WORK ORDER: Reproduce, from the lines below, exactly the stretch that begins at the line containing "#77=CARTESIAN_POINT('',(3.966,4.946,10.239));" and ends at the line containing "#125=ORIENTED_EDGE('',*,*,#124,.F.);", both included.

Collected data entries:
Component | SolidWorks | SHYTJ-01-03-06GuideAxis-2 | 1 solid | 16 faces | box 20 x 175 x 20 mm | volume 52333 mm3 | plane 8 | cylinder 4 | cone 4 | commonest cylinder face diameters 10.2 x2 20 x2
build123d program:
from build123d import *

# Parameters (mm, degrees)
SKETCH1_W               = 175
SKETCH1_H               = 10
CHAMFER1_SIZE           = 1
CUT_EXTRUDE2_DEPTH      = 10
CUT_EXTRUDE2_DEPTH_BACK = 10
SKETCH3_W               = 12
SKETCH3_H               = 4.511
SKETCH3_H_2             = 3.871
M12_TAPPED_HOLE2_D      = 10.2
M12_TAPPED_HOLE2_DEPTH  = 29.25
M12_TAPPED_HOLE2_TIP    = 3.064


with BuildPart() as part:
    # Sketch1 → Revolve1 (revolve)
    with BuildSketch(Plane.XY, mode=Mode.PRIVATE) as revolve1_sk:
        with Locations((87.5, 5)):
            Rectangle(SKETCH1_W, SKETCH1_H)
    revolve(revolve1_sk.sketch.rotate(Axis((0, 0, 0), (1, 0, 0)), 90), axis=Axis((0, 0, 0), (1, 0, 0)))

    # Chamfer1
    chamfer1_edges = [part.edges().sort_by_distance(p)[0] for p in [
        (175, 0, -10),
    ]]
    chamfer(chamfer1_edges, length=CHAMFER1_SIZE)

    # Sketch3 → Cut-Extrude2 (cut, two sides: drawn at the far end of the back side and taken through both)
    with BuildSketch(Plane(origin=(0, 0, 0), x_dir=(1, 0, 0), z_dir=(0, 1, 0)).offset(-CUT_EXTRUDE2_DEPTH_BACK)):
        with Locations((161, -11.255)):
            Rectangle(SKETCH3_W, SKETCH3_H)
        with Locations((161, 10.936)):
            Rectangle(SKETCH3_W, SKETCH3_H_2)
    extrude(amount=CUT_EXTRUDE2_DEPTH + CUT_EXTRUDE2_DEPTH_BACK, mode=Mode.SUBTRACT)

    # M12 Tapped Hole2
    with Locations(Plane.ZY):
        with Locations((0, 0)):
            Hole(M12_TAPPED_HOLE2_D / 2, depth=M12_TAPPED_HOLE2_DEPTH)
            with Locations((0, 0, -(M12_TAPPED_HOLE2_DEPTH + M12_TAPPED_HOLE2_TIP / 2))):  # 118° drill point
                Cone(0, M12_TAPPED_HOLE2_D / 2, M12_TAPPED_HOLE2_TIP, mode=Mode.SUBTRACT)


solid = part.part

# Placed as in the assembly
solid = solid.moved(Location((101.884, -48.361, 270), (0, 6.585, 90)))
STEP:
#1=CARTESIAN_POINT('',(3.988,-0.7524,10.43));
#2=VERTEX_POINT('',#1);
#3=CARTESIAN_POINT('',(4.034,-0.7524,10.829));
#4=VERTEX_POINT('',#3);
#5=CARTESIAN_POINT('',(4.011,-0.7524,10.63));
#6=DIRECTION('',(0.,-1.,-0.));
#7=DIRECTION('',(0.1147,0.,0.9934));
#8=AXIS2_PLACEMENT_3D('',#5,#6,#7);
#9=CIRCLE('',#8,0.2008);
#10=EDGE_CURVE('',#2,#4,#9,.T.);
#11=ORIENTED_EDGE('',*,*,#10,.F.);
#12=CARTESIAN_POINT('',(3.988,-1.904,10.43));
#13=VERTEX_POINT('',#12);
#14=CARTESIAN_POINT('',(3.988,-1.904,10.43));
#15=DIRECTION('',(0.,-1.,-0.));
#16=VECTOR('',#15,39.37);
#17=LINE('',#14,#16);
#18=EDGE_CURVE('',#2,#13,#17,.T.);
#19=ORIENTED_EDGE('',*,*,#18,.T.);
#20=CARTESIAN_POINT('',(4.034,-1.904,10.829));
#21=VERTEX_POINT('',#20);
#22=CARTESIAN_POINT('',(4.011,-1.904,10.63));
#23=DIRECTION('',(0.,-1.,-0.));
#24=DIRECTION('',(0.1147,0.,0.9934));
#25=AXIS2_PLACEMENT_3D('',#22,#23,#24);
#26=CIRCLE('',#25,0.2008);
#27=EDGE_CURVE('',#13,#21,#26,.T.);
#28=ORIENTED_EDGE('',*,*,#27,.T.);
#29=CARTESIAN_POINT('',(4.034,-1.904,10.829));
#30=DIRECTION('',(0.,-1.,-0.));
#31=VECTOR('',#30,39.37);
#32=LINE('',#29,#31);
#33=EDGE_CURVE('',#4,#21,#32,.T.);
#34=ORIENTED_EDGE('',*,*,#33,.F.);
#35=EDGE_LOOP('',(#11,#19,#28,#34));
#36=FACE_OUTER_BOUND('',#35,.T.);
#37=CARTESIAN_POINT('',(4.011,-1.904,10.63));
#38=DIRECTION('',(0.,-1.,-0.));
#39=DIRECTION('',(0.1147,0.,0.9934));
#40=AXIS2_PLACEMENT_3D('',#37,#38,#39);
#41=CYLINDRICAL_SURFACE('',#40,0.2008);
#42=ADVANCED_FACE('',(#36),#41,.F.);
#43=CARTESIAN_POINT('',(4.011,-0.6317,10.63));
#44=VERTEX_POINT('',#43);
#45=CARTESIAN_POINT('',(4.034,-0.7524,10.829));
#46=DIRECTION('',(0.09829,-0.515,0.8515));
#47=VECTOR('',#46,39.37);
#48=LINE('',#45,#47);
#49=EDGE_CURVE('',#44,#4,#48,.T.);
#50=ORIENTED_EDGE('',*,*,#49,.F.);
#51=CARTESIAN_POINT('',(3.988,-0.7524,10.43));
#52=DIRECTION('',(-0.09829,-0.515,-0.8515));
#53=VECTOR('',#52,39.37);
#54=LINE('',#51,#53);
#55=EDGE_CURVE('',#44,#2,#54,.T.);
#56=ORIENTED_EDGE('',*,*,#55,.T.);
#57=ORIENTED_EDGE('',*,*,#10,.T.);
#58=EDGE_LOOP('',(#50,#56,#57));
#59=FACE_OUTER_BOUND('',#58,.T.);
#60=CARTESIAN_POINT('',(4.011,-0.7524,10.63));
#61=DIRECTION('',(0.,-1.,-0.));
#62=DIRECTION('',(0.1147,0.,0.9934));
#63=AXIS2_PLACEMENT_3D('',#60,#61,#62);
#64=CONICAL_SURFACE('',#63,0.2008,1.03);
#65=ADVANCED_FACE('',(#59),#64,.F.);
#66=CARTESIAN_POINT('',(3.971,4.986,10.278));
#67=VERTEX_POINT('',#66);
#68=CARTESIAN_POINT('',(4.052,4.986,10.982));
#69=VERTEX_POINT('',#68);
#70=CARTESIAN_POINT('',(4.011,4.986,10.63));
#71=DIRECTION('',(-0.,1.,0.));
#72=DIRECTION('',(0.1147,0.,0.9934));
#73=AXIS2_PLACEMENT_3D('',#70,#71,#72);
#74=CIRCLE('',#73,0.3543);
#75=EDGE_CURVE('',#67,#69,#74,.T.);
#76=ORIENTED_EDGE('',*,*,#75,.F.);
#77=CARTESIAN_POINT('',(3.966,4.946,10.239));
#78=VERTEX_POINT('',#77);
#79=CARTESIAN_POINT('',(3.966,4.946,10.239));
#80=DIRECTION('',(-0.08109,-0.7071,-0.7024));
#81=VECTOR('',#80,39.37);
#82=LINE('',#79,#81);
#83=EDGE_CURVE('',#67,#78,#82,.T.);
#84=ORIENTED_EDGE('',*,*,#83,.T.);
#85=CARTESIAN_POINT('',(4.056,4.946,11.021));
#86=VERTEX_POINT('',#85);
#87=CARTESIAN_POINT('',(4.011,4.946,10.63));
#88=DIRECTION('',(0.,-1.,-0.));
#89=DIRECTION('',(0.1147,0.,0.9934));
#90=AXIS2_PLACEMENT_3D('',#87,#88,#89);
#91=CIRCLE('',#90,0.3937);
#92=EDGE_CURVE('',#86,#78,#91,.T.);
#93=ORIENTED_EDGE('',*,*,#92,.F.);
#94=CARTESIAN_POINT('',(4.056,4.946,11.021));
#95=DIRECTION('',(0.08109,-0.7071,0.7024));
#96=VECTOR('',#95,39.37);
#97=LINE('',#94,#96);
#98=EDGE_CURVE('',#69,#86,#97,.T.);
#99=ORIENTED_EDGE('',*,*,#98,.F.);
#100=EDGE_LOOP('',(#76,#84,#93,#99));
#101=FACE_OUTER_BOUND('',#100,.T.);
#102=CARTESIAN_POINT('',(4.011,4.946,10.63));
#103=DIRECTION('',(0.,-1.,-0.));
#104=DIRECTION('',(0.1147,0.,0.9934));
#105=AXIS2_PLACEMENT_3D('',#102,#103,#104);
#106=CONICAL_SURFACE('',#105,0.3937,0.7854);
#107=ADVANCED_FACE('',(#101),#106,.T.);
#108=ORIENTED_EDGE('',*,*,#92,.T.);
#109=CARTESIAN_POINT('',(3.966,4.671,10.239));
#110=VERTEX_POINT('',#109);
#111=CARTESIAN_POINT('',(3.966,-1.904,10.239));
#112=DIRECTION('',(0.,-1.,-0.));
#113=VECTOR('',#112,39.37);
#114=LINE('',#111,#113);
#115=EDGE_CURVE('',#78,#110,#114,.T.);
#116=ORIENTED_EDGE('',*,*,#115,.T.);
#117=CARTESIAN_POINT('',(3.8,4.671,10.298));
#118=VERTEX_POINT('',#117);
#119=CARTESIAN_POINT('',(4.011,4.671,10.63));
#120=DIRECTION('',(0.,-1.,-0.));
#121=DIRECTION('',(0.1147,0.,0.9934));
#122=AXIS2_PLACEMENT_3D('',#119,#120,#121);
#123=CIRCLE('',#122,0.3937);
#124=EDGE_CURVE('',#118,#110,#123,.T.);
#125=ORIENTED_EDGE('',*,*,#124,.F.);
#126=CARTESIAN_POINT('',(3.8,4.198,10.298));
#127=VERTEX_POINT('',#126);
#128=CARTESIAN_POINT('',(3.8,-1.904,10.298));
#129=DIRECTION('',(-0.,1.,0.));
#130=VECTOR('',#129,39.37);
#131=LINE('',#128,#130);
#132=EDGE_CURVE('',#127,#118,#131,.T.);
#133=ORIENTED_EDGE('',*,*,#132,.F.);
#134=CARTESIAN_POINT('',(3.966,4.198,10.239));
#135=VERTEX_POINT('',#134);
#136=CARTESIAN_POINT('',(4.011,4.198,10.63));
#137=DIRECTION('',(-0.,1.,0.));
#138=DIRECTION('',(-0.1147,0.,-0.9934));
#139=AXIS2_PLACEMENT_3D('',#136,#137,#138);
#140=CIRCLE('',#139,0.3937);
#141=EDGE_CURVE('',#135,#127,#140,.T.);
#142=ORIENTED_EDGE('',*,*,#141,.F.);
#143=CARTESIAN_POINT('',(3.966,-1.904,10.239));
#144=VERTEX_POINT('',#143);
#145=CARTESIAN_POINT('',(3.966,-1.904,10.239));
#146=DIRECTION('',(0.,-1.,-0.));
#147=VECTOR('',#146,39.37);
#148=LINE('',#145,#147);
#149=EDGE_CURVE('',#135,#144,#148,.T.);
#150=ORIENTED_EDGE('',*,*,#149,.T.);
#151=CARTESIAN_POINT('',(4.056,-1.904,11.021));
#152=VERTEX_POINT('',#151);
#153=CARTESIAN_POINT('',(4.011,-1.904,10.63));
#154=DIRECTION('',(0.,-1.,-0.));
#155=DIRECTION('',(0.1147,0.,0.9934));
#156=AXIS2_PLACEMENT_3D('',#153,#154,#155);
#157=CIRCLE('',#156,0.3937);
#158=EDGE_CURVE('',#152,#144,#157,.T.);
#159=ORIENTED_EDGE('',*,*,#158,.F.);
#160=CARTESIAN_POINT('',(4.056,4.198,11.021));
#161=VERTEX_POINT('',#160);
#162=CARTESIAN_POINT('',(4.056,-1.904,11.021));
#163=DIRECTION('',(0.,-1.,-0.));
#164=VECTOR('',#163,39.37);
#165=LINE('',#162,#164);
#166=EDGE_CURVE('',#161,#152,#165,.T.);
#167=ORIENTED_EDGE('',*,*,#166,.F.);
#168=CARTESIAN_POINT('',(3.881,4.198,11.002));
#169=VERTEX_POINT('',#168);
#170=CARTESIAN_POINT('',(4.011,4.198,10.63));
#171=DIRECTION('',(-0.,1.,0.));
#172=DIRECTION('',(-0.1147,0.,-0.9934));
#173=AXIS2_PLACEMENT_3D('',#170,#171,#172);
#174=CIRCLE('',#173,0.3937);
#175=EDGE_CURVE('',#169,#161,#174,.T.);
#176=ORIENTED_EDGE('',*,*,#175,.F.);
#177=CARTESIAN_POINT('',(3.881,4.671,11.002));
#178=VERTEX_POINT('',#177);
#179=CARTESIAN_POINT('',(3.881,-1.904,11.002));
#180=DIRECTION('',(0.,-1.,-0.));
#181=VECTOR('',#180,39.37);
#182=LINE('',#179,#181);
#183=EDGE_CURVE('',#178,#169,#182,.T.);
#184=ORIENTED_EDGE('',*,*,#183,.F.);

EXERCISE ANSWER:
#77=CARTESIAN_POINT('',(3.966,4.946,10.239));
#78=VERTEX_POINT('',#77);
#79=CARTESIAN_POINT('',(3.966,4.946,10.239));
#80=DIRECTION('',(-0.08109,-0.7071,-0.7024));
#81=VECTOR('',#80,39.37);
#82=LINE('',#79,#81);
#83=EDGE_CURVE('',#67,#78,#82,.T.);
#84=ORIENTED_EDGE('',*,*,#83,.T.);
#85=CARTESIAN_POINT('',(4.056,4.946,11.021));
#86=VERTEX_POINT('',#85);
#87=CARTESIAN_POINT('',(4.011,4.946,10.63));
#88=DIRECTION('',(0.,-1.,-0.));
#89=DIRECTION('',(0.1147,0.,0.9934));
#90=AXIS2_PLACEMENT_3D('',#87,#88,#89);
#91=CIRCLE('',#90,0.3937);
#92=EDGE_CURVE('',#86,#78,#91,.T.);
#93=ORIENTED_EDGE('',*,*,#92,.F.);
#94=CARTESIAN_POINT('',(4.056,4.946,11.021));
#95=DIRECTION('',(0.08109,-0.7071,0.7024));
#96=VECTOR('',#95,39.37);
#97=LINE('',#94,#96);
#98=EDGE_CURVE('',#69,#86,#97,.T.);
#99=ORIENTED_EDGE('',*,*,#98,.F.);
#100=EDGE_LOOP('',(#76,#84,#93,#99));
#101=FACE_OUTER_BOUND('',#100,.T.);
#102=CARTESIAN_POINT('',(4.011,4.946,10.63));
#103=DIRECTION('',(0.,-1.,-0.));
#104=DIRECTION('',(0.1147,0.,0.9934));
#105=AXIS2_PLACEMENT_3D('',#102,#103,#104);
#106=CONICAL_SURFACE('',#105,0.3937,0.7854);
#107=ADVANCED_FACE('',(#101),#106,.T.);
#108=ORIENTED_EDGE('',*,*,#92,.T.);
#109=CARTESIAN_POINT('',(3.966,4.671,10.239));
#110=VERTEX_POINT('',#109);
#111=CARTESIAN_POINT('',(3.966,-1.904,10.239));
#112=DIRECTION('',(0.,-1.,-0.));
#113=VECTOR('',#112,39.37);
#114=LINE('',#111,#113);
#115=EDGE_CURVE('',#78,#110,#114,.T.);
#116=ORIENTED_EDGE('',*,*,#115,.T.);
#117=CARTESIAN_POINT('',(3.8,4.671,10.298));
#118=VERTEX_POINT('',#117);
#119=CARTESIAN_POINT('',(4.011,4.671,10.63));
#120=DIRECTION('',(0.,-1.,-0.));
#121=DIRECTION('',(0.1147,0.,0.9934));
#122=AXIS2_PLACEMENT_3D('',#119,#120,#121);
#123=CIRCLE('',#122,0.3937);
#124=EDGE_CURVE('',#118,#110,#123,.T.);
#125=ORIENTED_EDGE('',*,*,#124,.F.);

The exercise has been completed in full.